*** EXERCISE INPUTS ***

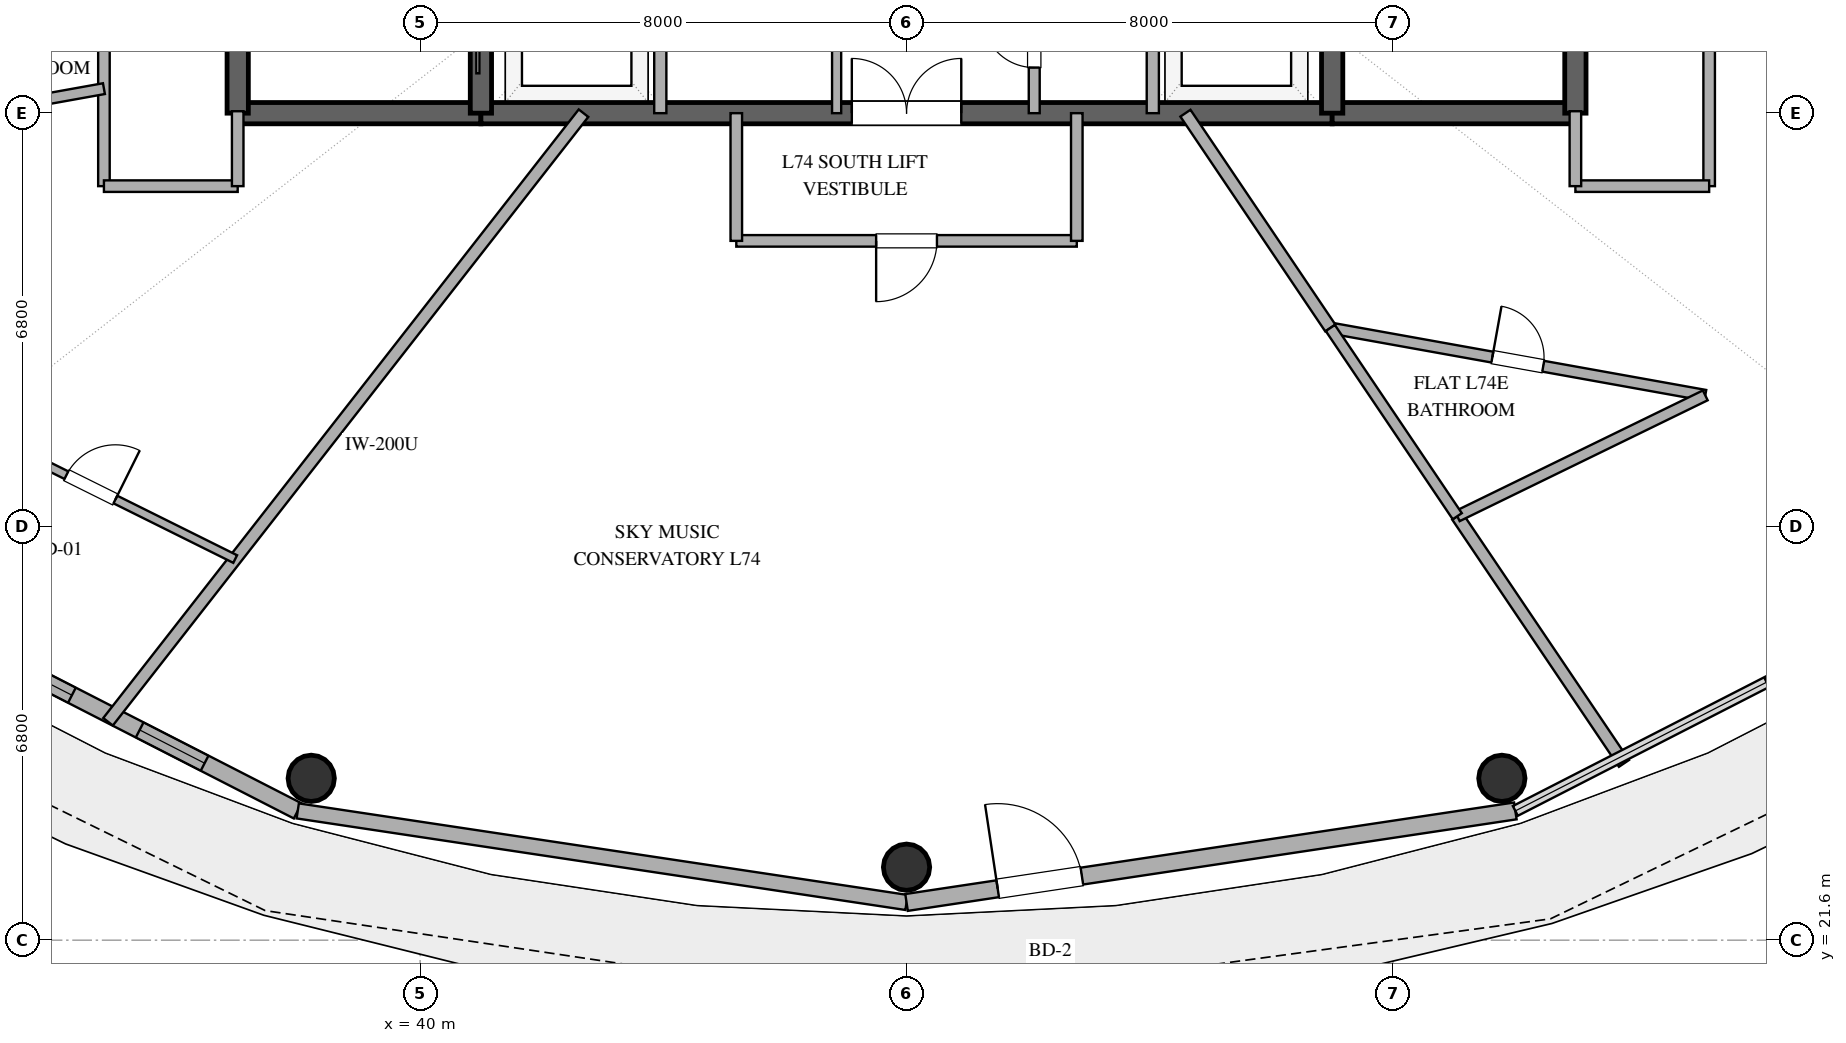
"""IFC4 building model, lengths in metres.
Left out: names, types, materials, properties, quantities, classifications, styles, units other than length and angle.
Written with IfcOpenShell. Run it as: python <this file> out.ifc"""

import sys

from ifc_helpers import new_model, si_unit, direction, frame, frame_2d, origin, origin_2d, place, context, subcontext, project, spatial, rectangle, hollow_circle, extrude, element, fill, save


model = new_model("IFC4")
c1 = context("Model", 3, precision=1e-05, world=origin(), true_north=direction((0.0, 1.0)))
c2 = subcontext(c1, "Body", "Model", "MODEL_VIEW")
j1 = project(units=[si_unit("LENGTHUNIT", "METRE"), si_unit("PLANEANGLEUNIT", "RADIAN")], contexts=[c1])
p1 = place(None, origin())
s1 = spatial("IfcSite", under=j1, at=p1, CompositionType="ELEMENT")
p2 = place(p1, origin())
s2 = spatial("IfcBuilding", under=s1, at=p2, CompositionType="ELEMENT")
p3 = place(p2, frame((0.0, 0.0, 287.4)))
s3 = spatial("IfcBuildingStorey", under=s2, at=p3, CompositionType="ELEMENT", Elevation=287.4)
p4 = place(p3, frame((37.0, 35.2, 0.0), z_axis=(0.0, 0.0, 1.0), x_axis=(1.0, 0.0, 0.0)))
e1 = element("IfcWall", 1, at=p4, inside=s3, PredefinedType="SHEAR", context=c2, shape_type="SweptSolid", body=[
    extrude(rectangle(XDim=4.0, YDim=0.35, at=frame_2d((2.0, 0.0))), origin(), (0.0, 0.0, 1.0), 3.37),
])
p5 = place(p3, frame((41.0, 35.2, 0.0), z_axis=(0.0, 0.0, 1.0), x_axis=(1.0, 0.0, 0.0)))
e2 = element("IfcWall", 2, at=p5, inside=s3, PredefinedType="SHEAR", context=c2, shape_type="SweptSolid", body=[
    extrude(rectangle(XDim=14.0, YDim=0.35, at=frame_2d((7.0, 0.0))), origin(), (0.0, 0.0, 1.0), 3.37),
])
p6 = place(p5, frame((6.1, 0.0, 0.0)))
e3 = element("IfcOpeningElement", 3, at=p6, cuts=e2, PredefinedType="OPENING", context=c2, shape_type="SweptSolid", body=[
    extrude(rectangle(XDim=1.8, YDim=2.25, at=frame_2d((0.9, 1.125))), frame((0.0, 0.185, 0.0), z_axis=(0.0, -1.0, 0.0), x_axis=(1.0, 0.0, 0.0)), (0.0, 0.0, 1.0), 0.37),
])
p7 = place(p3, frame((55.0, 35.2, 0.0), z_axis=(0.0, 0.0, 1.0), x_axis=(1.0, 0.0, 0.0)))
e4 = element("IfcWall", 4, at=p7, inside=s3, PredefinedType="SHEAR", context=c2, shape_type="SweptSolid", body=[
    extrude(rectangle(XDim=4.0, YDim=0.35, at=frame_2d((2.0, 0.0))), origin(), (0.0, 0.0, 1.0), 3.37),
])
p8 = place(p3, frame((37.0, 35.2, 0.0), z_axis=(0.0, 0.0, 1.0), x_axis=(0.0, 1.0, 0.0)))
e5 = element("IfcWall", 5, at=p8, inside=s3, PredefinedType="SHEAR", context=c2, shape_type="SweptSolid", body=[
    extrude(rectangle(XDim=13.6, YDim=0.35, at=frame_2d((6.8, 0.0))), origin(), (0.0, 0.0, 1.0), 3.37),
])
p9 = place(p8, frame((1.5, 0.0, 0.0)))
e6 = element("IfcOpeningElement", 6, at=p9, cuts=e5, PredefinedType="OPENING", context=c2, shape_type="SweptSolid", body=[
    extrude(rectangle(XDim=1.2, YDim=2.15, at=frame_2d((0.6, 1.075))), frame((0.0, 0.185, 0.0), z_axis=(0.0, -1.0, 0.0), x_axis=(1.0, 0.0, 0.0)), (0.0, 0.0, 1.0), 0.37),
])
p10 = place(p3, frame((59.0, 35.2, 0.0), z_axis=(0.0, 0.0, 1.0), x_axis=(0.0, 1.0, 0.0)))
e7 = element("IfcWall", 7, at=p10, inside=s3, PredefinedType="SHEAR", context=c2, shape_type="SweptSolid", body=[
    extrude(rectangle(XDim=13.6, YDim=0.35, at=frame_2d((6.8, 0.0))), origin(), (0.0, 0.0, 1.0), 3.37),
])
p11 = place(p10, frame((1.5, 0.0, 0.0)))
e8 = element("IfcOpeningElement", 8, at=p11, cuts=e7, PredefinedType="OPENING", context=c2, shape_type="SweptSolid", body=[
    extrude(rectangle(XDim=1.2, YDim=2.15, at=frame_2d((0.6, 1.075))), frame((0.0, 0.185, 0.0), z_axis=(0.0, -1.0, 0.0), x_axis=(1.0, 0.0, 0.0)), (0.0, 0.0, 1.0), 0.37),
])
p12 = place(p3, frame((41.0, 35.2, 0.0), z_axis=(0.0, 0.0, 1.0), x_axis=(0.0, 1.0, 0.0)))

***

(REQUIRED WORK): Could you repeat all of the data exactly, minus the pictures?

(TASK ANSWER):
"""IFC4 building model, lengths in metres.
Left out: names, types, materials, properties, quantities, classifications, styles, units other than length and angle.
Written with IfcOpenShell. Run it as: python <this file> out.ifc"""

import sys

from ifc_helpers import new_model, si_unit, direction, frame, frame_2d, origin, origin_2d, place, context, subcontext, project, spatial, rectangle, hollow_circle, extrude, element, fill, save


model = new_model("IFC4")
c1 = context("Model", 3, precision=1e-05, world=origin(), true_north=direction((0.0, 1.0)))
c2 = subcontext(c1, "Body", "Model", "MODEL_VIEW")
j1 = project(units=[si_unit("LENGTHUNIT", "METRE"), si_unit("PLANEANGLEUNIT", "RADIAN")], contexts=[c1])
p1 = place(None, origin())
s1 = spatial("IfcSite", under=j1, at=p1, CompositionType="ELEMENT")
p2 = place(p1, origin())
s2 = spatial("IfcBuilding", under=s1, at=p2, CompositionType="ELEMENT")
p3 = place(p2, frame((0.0, 0.0, 287.4)))
s3 = spatial("IfcBuildingStorey", under=s2, at=p3, CompositionType="ELEMENT", Elevation=287.4)
p4 = place(p3, frame((37.0, 35.2, 0.0), z_axis=(0.0, 0.0, 1.0), x_axis=(1.0, 0.0, 0.0)))
e1 = element("IfcWall", 1, at=p4, inside=s3, PredefinedType="SHEAR", context=c2, shape_type="SweptSolid", body=[
    extrude(rectangle(XDim=4.0, YDim=0.35, at=frame_2d((2.0, 0.0))), origin(), (0.0, 0.0, 1.0), 3.37),
])
p5 = place(p3, frame((41.0, 35.2, 0.0), z_axis=(0.0, 0.0, 1.0), x_axis=(1.0, 0.0, 0.0)))
e2 = element("IfcWall", 2, at=p5, inside=s3, PredefinedType="SHEAR", context=c2, shape_type="SweptSolid", body=[
    extrude(rectangle(XDim=14.0, YDim=0.35, at=frame_2d((7.0, 0.0))), origin(), (0.0, 0.0, 1.0), 3.37),
])
p6 = place(p5, frame((6.1, 0.0, 0.0)))
e3 = element("IfcOpeningElement", 3, at=p6, cuts=e2, PredefinedType="OPENING", context=c2, shape_type="SweptSolid", body=[
    extrude(rectangle(XDim=1.8, YDim=2.25, at=frame_2d((0.9, 1.125))), frame((0.0, 0.185, 0.0), z_axis=(0.0, -1.0, 0.0), x_axis=(1.0, 0.0, 0.0)), (0.0, 0.0, 1.0), 0.37),
])
p7 = place(p3, frame((55.0, 35.2, 0.0), z_axis=(0.0, 0.0, 1.0), x_axis=(1.0, 0.0, 0.0)))
e4 = element("IfcWall", 4, at=p7, inside=s3, PredefinedType="SHEAR", context=c2, shape_type="SweptSolid", body=[
    extrude(rectangle(XDim=4.0, YDim=0.35, at=frame_2d((2.0, 0.0))), origin(), (0.0, 0.0, 1.0), 3.37),
])
p8 = place(p3, frame((37.0, 35.2, 0.0), z_axis=(0.0, 0.0, 1.0), x_axis=(0.0, 1.0, 0.0)))
e5 = element("IfcWall", 5, at=p8, inside=s3, PredefinedType="SHEAR", context=c2, shape_type="SweptSolid", body=[
    extrude(rectangle(XDim=13.6, YDim=0.35, at=frame_2d((6.8, 0.0))), origin(), (0.0, 0.0, 1.0), 3.37),
])
p9 = place(p8, frame((1.5, 0.0, 0.0)))
e6 = element("IfcOpeningElement", 6, at=p9, cuts=e5, PredefinedType="OPENING", context=c2, shape_type="SweptSolid", body=[
    extrude(rectangle(XDim=1.2, YDim=2.15, at=frame_2d((0.6, 1.075))), frame((0.0, 0.185, 0.0), z_axis=(0.0, -1.0, 0.0), x_axis=(1.0, 0.0, 0.0)), (0.0, 0.0, 1.0), 0.37),
])
p10 = place(p3, frame((59.0, 35.2, 0.0), z_axis=(0.0, 0.0, 1.0), x_axis=(0.0, 1.0, 0.0)))
e7 = element("IfcWall", 7, at=p10, inside=s3, PredefinedType="SHEAR", context=c2, shape_type="SweptSolid", body=[
    extrude(rectangle(XDim=13.6, YDim=0.35, at=frame_2d((6.8, 0.0))), origin(), (0.0, 0.0, 1.0), 3.37),
])
p11 = place(p10, frame((1.5, 0.0, 0.0)))
e8 = element("IfcOpeningElement", 8, at=p11, cuts=e7, PredefinedType="OPENING", context=c2, shape_type="SweptSolid", body=[
    extrude(rectangle(XDim=1.2, YDim=2.15, at=frame_2d((0.6, 1.075))), frame((0.0, 0.185, 0.0), z_axis=(0.0, -1.0, 0.0), x_axis=(1.0, 0.0, 0.0)), (0.0, 0.0, 1.0), 0.37),
])
p12 = place(p3, frame((41.0, 35.2, 0.0), z_axis=(0.0, 0.0, 1.0), x_axis=(0.0, 1.0, 0.0)))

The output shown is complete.